_Stored data_
▼

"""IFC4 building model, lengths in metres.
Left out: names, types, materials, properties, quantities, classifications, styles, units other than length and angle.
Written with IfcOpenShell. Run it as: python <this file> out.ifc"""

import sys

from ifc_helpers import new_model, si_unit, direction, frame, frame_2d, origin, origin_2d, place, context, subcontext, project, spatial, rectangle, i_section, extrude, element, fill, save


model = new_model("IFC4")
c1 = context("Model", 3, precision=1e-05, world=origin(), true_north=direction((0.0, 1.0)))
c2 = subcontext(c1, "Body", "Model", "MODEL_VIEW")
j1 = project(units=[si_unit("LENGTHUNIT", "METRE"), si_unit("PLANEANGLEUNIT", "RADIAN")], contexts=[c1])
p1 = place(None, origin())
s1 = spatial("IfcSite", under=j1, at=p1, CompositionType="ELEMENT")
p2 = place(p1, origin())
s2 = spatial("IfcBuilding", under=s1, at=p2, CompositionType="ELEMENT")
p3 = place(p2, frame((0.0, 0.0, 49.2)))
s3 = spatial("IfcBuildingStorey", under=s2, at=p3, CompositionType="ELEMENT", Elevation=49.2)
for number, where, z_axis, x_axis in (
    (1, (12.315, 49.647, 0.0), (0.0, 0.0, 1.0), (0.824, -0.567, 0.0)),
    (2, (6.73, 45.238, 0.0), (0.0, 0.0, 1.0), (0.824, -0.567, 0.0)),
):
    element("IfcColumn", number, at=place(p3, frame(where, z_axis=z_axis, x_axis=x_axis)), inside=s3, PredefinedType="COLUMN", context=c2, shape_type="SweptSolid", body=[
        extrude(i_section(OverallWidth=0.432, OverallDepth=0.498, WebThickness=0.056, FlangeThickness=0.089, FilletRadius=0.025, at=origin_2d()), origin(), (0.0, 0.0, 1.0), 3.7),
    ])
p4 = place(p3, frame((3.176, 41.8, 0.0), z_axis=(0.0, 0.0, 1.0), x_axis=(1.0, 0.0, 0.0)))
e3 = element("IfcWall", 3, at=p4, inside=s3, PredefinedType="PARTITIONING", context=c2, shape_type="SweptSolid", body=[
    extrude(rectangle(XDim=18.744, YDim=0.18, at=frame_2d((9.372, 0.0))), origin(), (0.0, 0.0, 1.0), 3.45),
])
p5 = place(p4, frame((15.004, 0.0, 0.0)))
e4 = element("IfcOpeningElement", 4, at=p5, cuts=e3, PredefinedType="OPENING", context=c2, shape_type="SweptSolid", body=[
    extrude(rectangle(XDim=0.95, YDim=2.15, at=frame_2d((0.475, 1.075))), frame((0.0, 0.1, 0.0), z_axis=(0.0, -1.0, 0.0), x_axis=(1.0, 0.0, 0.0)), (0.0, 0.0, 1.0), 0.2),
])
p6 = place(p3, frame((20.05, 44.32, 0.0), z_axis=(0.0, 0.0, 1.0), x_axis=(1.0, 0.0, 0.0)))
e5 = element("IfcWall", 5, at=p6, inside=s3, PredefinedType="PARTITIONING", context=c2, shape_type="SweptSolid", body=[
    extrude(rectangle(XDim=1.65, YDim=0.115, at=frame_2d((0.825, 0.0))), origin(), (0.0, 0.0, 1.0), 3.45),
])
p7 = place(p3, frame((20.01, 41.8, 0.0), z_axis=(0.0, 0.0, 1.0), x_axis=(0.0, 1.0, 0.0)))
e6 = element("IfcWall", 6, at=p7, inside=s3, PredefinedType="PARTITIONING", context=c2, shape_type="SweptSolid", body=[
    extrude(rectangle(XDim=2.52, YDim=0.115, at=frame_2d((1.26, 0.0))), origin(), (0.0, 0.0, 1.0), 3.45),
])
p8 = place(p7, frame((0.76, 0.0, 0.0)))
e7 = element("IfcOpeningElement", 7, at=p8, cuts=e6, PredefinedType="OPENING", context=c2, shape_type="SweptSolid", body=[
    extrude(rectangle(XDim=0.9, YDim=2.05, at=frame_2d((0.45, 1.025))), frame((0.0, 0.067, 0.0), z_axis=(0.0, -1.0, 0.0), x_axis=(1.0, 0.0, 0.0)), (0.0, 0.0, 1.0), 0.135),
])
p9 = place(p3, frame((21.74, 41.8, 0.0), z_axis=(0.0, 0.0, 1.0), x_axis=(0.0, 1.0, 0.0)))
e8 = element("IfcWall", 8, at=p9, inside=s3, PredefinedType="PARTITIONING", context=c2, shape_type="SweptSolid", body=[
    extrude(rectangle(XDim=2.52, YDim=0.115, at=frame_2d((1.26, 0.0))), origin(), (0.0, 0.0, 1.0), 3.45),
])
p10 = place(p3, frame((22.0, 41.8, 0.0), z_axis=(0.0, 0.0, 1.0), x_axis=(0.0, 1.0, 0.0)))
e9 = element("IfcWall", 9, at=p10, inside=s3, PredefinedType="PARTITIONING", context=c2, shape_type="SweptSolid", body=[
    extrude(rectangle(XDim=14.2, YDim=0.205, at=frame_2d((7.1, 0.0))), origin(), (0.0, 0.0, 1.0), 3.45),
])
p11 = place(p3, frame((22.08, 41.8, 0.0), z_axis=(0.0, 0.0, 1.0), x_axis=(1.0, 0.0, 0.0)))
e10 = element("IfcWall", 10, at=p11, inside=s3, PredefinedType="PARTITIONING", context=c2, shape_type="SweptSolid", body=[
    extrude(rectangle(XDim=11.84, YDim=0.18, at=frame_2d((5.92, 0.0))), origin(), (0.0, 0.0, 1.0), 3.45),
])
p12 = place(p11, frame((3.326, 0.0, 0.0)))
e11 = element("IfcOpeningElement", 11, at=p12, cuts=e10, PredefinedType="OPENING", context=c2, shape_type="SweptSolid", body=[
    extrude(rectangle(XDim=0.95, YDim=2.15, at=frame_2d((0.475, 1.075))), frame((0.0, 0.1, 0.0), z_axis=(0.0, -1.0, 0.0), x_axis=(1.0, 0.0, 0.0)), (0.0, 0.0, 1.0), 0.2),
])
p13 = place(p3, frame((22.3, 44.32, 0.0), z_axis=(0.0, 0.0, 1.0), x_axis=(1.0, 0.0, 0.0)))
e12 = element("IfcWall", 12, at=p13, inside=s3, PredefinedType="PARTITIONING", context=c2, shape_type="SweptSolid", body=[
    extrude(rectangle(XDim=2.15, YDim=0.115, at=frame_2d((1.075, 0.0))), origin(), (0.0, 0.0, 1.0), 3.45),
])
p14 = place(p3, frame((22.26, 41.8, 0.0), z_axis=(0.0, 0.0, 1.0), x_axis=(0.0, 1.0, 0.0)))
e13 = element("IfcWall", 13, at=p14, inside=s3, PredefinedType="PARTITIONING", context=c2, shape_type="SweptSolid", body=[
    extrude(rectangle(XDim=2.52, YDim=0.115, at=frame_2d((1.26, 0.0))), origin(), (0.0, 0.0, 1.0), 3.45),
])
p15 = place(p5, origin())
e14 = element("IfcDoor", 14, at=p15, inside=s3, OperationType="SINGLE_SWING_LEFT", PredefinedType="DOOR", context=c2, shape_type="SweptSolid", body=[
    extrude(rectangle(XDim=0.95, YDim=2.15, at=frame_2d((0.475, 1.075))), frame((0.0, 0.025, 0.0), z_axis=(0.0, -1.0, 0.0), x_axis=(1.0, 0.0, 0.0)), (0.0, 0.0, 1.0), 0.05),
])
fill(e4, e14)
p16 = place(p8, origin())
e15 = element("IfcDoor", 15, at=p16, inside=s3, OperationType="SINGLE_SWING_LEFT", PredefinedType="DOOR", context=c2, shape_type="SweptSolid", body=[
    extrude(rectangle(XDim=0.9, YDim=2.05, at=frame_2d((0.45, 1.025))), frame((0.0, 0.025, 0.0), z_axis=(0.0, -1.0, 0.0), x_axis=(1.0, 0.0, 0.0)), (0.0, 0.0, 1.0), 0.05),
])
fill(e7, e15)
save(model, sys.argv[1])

▲

_Exercise description_
Would you please reproduce the records above exactly, only from their first line through the line holding "from ifc_helpers import", with both ends included?

_Task solution_
"""IFC4 building model, lengths in metres.
Left out: names, types, materials, properties, quantities, classifications, styles, units other than length and angle.
Written with IfcOpenShell. Run it as: python <this file> out.ifc"""

import sys

from ifc_helpers import new_model, si_unit, direction, frame, frame_2d, origin, origin_2d, place, context, subcontext, project, spatial, rectangle, i_section, extrude, element, fill, save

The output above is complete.